* ABOUT THIS TASK: Copy every record word for word. The images stay behind.

[Records excerpted from a collection]
○ ○ ○
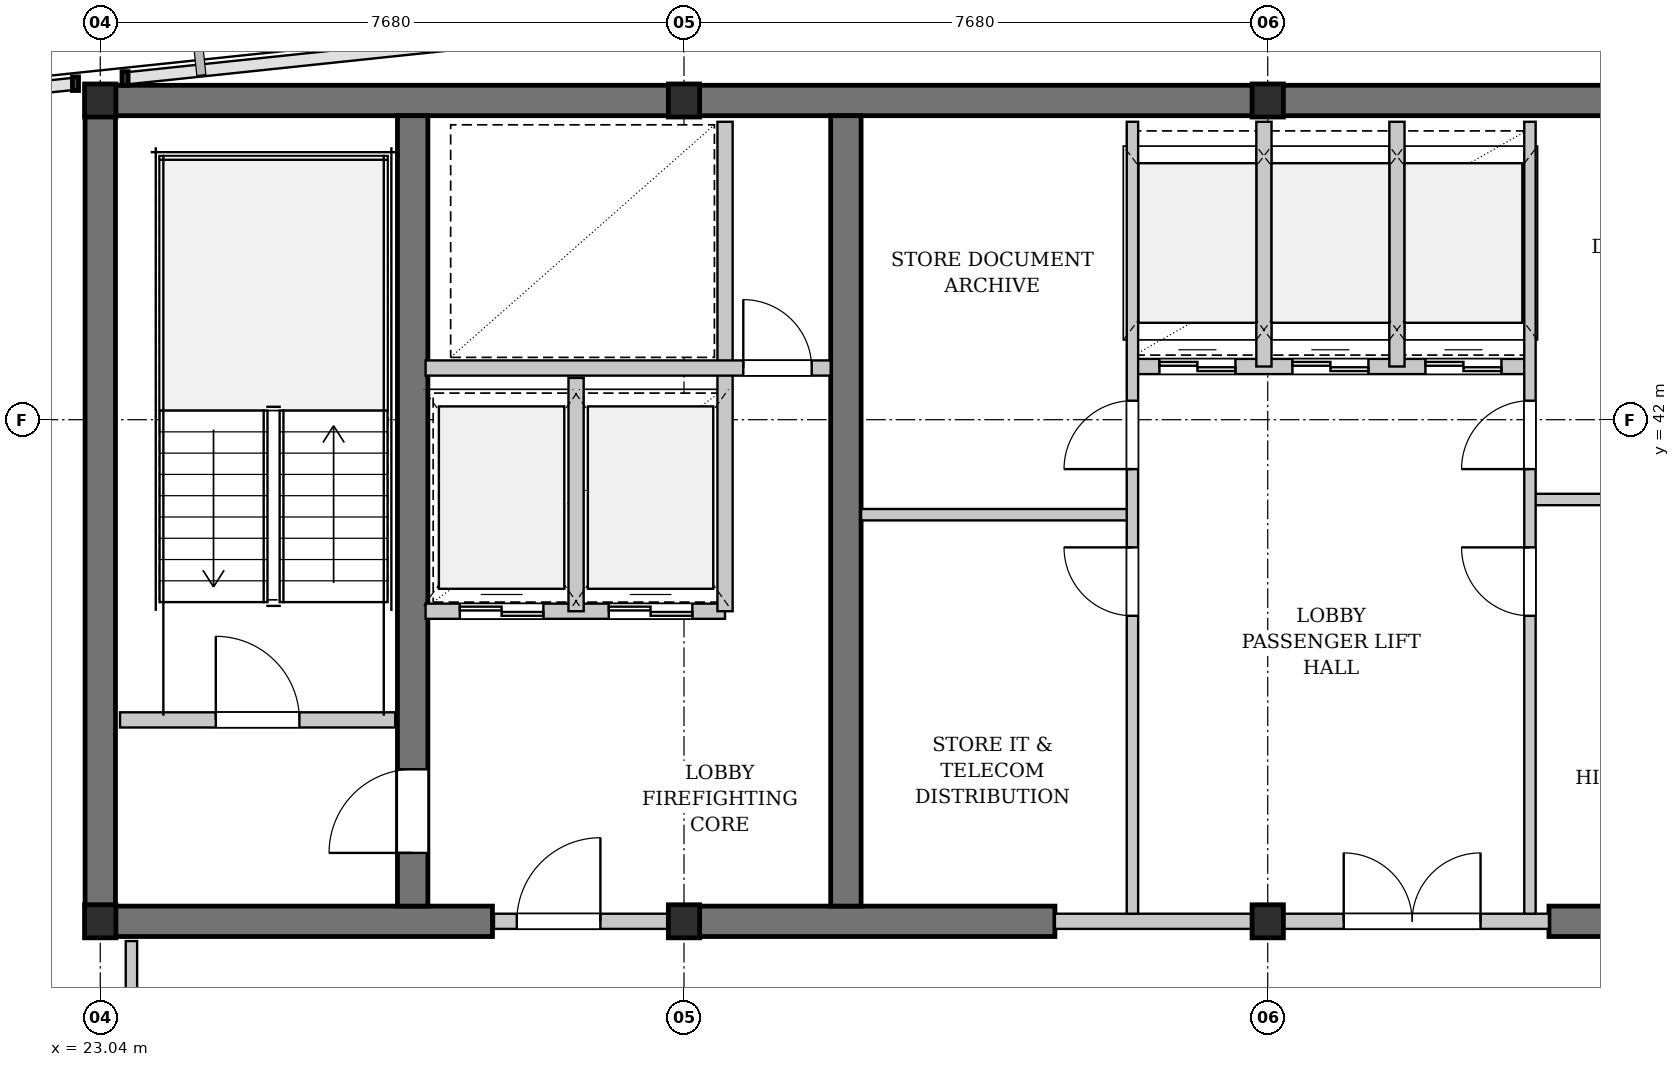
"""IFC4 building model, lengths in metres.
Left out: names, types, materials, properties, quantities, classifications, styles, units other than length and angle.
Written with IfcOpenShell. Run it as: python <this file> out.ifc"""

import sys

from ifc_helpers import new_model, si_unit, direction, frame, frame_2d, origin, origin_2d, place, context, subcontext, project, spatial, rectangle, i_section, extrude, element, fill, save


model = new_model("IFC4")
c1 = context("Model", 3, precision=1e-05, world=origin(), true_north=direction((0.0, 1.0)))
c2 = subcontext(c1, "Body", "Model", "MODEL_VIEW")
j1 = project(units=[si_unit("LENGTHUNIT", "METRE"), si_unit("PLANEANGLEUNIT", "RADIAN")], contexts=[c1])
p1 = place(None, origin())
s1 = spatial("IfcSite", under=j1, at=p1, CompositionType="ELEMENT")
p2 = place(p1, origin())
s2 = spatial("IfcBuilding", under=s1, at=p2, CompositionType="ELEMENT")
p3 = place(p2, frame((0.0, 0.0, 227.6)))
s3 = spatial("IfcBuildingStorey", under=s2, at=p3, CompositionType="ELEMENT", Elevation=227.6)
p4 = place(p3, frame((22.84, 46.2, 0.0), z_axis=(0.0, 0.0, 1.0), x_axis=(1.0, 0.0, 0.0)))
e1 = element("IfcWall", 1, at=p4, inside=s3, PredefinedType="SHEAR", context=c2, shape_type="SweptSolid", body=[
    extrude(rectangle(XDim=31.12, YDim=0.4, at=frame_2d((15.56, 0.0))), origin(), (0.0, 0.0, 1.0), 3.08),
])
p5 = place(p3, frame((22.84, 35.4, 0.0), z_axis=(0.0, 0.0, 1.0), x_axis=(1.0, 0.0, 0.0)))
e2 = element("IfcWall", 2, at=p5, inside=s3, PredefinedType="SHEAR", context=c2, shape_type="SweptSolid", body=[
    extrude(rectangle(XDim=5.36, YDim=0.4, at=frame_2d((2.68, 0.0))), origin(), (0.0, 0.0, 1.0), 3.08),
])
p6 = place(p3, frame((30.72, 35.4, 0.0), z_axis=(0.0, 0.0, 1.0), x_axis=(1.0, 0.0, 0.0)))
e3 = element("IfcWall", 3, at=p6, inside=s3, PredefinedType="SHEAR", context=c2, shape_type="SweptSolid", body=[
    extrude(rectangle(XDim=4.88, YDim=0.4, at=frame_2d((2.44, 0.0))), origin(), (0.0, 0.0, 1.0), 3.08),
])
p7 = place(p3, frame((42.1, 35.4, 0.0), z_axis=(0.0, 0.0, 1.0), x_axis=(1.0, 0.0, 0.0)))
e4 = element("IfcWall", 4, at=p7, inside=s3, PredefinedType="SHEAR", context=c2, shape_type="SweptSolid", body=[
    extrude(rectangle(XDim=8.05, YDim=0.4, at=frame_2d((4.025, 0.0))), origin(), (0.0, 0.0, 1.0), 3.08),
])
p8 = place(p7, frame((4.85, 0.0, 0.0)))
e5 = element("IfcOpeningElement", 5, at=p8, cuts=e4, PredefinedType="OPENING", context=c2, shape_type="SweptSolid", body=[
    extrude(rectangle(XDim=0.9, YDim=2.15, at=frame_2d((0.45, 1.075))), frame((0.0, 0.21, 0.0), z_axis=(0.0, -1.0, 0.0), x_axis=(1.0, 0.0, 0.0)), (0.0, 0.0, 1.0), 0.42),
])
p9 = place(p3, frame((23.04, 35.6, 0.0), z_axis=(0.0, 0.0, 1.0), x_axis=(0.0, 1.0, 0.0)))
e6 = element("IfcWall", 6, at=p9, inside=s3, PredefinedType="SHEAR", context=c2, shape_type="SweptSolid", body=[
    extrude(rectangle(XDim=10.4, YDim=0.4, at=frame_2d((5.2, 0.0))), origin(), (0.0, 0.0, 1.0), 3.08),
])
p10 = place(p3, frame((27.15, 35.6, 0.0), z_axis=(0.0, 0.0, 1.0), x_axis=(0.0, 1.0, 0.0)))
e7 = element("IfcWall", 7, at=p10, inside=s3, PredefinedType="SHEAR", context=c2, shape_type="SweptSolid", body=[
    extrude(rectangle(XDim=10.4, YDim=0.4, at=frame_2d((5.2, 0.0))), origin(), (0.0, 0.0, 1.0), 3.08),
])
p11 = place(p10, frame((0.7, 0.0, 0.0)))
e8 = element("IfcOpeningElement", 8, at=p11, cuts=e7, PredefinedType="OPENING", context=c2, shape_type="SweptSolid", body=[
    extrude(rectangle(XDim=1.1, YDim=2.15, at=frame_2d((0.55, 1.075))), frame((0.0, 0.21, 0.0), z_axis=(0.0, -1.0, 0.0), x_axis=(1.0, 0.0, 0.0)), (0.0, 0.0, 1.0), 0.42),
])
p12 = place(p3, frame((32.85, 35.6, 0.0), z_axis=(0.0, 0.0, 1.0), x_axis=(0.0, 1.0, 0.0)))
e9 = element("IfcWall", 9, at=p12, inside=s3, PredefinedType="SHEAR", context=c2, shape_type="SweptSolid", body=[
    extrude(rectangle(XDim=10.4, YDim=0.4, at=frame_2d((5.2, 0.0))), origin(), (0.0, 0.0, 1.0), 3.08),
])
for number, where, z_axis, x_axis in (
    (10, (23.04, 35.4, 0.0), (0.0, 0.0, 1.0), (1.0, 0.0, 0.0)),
○ ○ ○
* ANSWER BOX:
"""IFC4 building model, lengths in metres.
Left out: names, types, materials, properties, quantities, classifications, styles, units other than length and angle.
Written with IfcOpenShell. Run it as: python <this file> out.ifc"""

import sys

from ifc_helpers import new_model, si_unit, direction, frame, frame_2d, origin, origin_2d, place, context, subcontext, project, spatial, rectangle, i_section, extrude, element, fill, save


model = new_model("IFC4")
c1 = context("Model", 3, precision=1e-05, world=origin(), true_north=direction((0.0, 1.0)))
c2 = subcontext(c1, "Body", "Model", "MODEL_VIEW")
j1 = project(units=[si_unit("LENGTHUNIT", "METRE"), si_unit("PLANEANGLEUNIT", "RADIAN")], contexts=[c1])
p1 = place(None, origin())
s1 = spatial("IfcSite", under=j1, at=p1, CompositionType="ELEMENT")
p2 = place(p1, origin())
s2 = spatial("IfcBuilding", under=s1, at=p2, CompositionType="ELEMENT")
p3 = place(p2, frame((0.0, 0.0, 227.6)))
s3 = spatial("IfcBuildingStorey", under=s2, at=p3, CompositionType="ELEMENT", Elevation=227.6)
p4 = place(p3, frame((22.84, 46.2, 0.0), z_axis=(0.0, 0.0, 1.0), x_axis=(1.0, 0.0, 0.0)))
e1 = element("IfcWall", 1, at=p4, inside=s3, PredefinedType="SHEAR", context=c2, shape_type="SweptSolid", body=[
    extrude(rectangle(XDim=31.12, YDim=0.4, at=frame_2d((15.56, 0.0))), origin(), (0.0, 0.0, 1.0), 3.08),
])
p5 = place(p3, frame((22.84, 35.4, 0.0), z_axis=(0.0, 0.0, 1.0), x_axis=(1.0, 0.0, 0.0)))
e2 = element("IfcWall", 2, at=p5, inside=s3, PredefinedType="SHEAR", context=c2, shape_type="SweptSolid", body=[
    extrude(rectangle(XDim=5.36, YDim=0.4, at=frame_2d((2.68, 0.0))), origin(), (0.0, 0.0, 1.0), 3.08),
])
p6 = place(p3, frame((30.72, 35.4, 0.0), z_axis=(0.0, 0.0, 1.0), x_axis=(1.0, 0.0, 0.0)))
e3 = element("IfcWall", 3, at=p6, inside=s3, PredefinedType="SHEAR", context=c2, shape_type="SweptSolid", body=[
    extrude(rectangle(XDim=4.88, YDim=0.4, at=frame_2d((2.44, 0.0))), origin(), (0.0, 0.0, 1.0), 3.08),
])
p7 = place(p3, frame((42.1, 35.4, 0.0), z_axis=(0.0, 0.0, 1.0), x_axis=(1.0, 0.0, 0.0)))
e4 = element("IfcWall", 4, at=p7, inside=s3, PredefinedType="SHEAR", context=c2, shape_type="SweptSolid", body=[
    extrude(rectangle(XDim=8.05, YDim=0.4, at=frame_2d((4.025, 0.0))), origin(), (0.0, 0.0, 1.0), 3.08),
])
p8 = place(p7, frame((4.85, 0.0, 0.0)))
e5 = element("IfcOpeningElement", 5, at=p8, cuts=e4, PredefinedType="OPENING", context=c2, shape_type="SweptSolid", body=[
    extrude(rectangle(XDim=0.9, YDim=2.15, at=frame_2d((0.45, 1.075))), frame((0.0, 0.21, 0.0), z_axis=(0.0, -1.0, 0.0), x_axis=(1.0, 0.0, 0.0)), (0.0, 0.0, 1.0), 0.42),
])
p9 = place(p3, frame((23.04, 35.6, 0.0), z_axis=(0.0, 0.0, 1.0), x_axis=(0.0, 1.0, 0.0)))
e6 = element("IfcWall", 6, at=p9, inside=s3, PredefinedType="SHEAR", context=c2, shape_type="SweptSolid", body=[
    extrude(rectangle(XDim=10.4, YDim=0.4, at=frame_2d((5.2, 0.0))), origin(), (0.0, 0.0, 1.0), 3.08),
])
p10 = place(p3, frame((27.15, 35.6, 0.0), z_axis=(0.0, 0.0, 1.0), x_axis=(0.0, 1.0, 0.0)))
e7 = element("IfcWall", 7, at=p10, inside=s3, PredefinedType="SHEAR", context=c2, shape_type="SweptSolid", body=[
    extrude(rectangle(XDim=10.4, YDim=0.4, at=frame_2d((5.2, 0.0))), origin(), (0.0, 0.0, 1.0), 3.08),
])
p11 = place(p10, frame((0.7, 0.0, 0.0)))
e8 = element("IfcOpeningElement", 8, at=p11, cuts=e7, PredefinedType="OPENING", context=c2, shape_type="SweptSolid", body=[
    extrude(rectangle(XDim=1.1, YDim=2.15, at=frame_2d((0.55, 1.075))), frame((0.0, 0.21, 0.0), z_axis=(0.0, -1.0, 0.0), x_axis=(1.0, 0.0, 0.0)), (0.0, 0.0, 1.0), 0.42),
])
p12 = place(p3, frame((32.85, 35.6, 0.0), z_axis=(0.0, 0.0, 1.0), x_axis=(0.0, 1.0, 0.0)))
e9 = element("IfcWall", 9, at=p12, inside=s3, PredefinedType="SHEAR", context=c2, shape_type="SweptSolid", body=[
    extrude(rectangle(XDim=10.4, YDim=0.4, at=frame_2d((5.2, 0.0))), origin(), (0.0, 0.0, 1.0), 3.08),
])
for number, where, z_axis, x_axis in (
    (10, (23.04, 35.4, 0.0), (0.0, 0.0, 1.0), (1.0, 0.0, 0.0)),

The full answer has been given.